» **REQUIRED ACTION**: Collect all lines from the records below that include the word "IfcBuildingStorey".

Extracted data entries
* * * * * * *

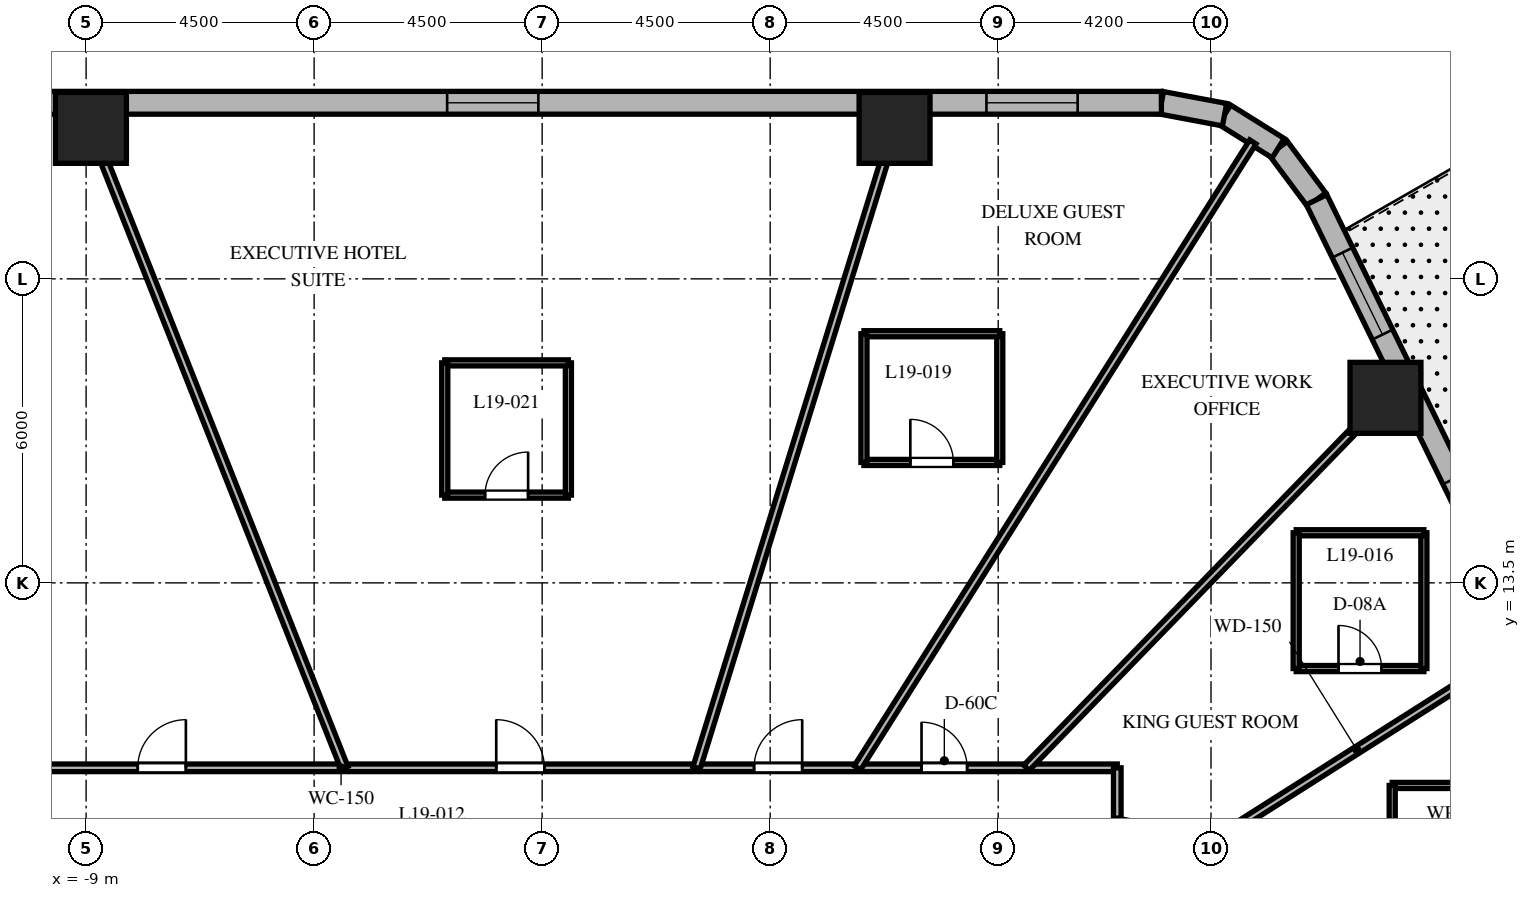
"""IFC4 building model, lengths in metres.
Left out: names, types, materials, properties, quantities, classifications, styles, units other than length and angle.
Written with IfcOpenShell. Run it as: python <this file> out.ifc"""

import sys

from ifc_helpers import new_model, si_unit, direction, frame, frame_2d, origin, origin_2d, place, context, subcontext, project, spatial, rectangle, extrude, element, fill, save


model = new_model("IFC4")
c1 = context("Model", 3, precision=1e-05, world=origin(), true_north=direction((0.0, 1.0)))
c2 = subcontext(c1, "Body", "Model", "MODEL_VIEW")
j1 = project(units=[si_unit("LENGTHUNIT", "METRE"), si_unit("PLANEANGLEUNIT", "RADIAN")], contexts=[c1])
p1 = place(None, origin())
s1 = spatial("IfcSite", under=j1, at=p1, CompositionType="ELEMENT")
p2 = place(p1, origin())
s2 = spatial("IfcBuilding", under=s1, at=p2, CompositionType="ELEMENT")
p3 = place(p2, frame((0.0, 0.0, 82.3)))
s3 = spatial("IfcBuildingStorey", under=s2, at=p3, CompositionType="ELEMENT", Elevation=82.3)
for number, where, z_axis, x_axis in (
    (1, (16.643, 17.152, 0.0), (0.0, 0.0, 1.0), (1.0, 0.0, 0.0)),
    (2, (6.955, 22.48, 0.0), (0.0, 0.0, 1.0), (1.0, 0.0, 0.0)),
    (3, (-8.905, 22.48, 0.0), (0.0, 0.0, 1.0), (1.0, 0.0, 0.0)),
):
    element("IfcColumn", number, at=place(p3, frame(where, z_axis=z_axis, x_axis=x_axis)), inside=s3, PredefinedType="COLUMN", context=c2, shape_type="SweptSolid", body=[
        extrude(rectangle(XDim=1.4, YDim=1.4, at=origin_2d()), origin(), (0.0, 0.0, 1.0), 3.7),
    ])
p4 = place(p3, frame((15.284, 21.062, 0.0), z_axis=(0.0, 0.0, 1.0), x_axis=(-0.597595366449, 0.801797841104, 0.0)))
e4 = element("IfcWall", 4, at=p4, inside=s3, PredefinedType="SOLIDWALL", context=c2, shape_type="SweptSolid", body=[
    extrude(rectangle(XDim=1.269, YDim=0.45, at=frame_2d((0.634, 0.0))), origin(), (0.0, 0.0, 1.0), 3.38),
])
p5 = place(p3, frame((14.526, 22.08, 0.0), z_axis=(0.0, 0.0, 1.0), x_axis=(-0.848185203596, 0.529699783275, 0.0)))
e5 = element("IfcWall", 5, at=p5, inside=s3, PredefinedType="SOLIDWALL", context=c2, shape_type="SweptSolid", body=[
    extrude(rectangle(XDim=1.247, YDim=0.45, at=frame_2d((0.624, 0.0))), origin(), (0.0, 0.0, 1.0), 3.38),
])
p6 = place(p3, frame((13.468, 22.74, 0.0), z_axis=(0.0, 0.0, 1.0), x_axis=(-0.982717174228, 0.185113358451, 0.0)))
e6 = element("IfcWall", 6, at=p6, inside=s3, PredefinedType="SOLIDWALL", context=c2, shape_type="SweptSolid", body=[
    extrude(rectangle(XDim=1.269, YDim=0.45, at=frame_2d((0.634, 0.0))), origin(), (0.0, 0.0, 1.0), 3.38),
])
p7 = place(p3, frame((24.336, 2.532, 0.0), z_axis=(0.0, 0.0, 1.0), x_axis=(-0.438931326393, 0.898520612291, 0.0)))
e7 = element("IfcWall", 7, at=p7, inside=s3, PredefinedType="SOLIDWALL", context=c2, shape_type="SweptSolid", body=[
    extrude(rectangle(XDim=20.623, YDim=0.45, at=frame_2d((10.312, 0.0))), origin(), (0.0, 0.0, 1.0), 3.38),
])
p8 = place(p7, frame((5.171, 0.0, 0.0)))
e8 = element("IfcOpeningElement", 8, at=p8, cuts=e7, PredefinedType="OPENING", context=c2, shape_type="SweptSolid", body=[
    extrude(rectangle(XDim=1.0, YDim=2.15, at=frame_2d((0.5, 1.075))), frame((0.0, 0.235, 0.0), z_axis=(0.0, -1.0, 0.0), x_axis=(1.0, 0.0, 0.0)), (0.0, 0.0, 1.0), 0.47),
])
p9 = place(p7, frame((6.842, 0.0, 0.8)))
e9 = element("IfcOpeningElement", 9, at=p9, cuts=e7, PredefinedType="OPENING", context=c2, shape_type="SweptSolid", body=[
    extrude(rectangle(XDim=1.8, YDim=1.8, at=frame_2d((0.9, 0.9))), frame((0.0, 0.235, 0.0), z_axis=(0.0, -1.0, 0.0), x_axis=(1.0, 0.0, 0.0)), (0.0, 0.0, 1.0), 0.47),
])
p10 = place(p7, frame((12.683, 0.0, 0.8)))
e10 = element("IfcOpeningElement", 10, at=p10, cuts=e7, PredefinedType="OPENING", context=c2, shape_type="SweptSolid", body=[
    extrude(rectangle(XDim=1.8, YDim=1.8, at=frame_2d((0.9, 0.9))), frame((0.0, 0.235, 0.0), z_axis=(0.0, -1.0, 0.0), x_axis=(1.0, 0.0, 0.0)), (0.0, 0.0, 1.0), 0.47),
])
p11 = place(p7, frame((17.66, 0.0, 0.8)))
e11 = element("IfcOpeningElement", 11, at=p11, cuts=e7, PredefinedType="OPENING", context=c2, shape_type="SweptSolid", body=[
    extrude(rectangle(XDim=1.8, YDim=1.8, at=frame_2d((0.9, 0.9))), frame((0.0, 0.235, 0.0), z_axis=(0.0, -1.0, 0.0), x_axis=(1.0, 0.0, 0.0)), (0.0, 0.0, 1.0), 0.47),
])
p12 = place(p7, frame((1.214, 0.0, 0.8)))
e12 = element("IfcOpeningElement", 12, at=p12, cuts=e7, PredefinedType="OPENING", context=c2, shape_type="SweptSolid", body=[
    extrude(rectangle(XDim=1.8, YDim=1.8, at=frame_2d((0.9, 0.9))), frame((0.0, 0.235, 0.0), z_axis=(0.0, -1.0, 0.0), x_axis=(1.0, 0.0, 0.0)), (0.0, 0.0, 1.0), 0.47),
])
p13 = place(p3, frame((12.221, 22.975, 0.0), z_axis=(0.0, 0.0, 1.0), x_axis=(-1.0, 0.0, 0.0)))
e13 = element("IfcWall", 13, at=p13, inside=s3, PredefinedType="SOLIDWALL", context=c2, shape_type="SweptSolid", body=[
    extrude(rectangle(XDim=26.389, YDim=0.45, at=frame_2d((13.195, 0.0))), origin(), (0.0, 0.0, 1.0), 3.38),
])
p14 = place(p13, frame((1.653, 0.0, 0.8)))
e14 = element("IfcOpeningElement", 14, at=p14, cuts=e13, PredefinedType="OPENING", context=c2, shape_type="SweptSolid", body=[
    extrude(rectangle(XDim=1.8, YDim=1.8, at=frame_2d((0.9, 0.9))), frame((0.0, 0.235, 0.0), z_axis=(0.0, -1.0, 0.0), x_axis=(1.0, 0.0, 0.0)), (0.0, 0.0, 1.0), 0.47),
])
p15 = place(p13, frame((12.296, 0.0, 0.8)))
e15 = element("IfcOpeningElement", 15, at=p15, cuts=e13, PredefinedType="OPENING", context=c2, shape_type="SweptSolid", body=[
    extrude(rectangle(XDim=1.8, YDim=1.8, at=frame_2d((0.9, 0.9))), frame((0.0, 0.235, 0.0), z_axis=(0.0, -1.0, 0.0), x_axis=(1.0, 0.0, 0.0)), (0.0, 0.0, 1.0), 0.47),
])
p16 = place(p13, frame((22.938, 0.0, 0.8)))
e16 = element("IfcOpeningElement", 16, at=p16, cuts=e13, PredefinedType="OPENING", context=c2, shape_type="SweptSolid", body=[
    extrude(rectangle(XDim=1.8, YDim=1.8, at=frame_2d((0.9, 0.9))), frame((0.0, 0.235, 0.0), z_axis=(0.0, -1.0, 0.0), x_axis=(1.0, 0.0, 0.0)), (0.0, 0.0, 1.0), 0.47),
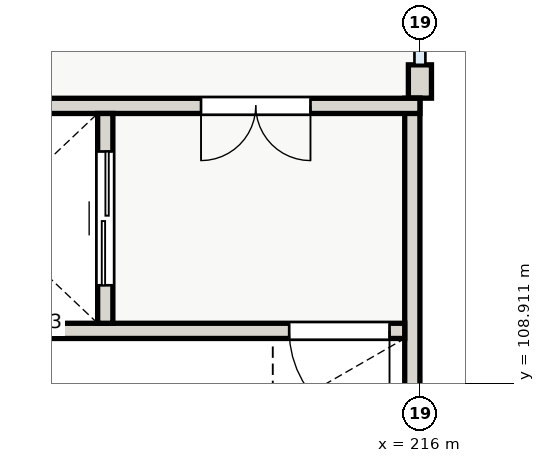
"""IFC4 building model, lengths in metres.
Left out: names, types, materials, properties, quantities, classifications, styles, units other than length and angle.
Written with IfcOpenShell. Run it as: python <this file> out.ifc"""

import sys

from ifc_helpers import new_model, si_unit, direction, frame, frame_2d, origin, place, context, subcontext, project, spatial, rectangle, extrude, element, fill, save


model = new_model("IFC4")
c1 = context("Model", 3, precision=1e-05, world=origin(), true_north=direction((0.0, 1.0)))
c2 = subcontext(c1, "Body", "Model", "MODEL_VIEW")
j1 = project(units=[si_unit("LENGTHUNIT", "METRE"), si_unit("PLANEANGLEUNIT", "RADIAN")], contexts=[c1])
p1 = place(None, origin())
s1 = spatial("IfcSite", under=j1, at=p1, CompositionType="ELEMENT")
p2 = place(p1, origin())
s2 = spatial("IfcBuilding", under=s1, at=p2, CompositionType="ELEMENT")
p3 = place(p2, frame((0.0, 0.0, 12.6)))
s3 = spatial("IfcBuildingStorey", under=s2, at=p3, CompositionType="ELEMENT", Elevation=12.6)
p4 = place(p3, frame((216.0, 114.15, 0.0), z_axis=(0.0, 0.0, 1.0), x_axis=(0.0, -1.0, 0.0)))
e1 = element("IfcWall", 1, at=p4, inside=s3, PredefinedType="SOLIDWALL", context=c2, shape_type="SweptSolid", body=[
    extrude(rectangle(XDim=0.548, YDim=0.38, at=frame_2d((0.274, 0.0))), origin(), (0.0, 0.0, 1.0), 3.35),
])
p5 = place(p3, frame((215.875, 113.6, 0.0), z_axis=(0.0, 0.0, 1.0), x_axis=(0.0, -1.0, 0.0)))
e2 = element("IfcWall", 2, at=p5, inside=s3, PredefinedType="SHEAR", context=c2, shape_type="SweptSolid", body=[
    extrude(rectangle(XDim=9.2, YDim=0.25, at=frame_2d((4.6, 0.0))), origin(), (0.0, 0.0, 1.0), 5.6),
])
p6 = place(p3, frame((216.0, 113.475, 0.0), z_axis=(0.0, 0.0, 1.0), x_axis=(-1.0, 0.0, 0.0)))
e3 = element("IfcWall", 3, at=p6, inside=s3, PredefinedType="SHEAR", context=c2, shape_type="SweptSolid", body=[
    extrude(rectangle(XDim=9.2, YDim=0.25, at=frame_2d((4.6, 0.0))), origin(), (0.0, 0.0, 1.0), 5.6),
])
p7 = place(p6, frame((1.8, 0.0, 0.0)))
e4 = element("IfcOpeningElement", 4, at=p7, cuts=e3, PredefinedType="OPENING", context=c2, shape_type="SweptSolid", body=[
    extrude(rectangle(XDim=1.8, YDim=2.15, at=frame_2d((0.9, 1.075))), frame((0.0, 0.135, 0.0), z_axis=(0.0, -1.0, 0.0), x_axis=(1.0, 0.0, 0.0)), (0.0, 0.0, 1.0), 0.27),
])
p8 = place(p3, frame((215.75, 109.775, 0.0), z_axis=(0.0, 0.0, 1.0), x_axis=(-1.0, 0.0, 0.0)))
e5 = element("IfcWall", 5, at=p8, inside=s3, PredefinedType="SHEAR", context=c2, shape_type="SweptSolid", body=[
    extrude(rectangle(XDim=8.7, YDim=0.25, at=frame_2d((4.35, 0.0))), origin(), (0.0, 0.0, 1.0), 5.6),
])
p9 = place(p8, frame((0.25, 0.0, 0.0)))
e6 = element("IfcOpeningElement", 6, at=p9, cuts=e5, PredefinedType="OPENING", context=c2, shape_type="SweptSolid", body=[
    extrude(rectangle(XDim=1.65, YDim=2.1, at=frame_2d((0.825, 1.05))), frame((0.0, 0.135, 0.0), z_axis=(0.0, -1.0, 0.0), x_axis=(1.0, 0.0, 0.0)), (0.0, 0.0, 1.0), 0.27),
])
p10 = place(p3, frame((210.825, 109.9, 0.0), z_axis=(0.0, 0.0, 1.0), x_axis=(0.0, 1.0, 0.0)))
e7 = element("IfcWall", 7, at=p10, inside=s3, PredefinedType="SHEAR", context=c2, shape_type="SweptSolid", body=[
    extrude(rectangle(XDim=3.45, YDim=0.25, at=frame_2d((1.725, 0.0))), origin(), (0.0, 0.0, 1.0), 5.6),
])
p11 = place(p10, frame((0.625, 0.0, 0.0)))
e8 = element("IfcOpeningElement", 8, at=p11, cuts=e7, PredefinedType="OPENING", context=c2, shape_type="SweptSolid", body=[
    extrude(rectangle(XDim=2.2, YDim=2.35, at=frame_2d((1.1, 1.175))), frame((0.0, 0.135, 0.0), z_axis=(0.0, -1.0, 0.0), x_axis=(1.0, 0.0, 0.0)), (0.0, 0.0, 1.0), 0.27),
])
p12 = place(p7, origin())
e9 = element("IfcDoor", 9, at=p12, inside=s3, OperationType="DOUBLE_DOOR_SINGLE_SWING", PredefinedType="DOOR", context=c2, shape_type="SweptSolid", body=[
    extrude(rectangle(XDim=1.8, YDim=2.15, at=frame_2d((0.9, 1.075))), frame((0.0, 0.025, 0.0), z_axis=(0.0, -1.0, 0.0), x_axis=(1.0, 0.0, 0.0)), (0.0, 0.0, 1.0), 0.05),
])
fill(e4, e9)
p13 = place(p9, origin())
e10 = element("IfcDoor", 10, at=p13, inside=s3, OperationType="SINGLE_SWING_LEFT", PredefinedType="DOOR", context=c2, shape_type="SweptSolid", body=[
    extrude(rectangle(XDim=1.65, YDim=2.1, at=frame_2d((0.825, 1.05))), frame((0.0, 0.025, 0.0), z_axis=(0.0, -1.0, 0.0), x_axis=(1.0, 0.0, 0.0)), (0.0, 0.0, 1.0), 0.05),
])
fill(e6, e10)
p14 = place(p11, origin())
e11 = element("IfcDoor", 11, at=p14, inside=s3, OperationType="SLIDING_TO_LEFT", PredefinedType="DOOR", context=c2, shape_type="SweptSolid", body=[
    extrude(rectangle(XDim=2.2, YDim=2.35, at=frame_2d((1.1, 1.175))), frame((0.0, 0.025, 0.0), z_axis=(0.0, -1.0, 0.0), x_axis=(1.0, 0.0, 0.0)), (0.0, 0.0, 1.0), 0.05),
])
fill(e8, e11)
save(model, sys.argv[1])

* * * * * * *

» **ANSWER SECTION**:
s3 = spatial("IfcBuildingStorey", under=s2, at=p3, CompositionType="ELEMENT", Elevation=82.3)
s3 = spatial("IfcBuildingStorey", under=s2, at=p3, CompositionType="ELEMENT", Elevation=12.6)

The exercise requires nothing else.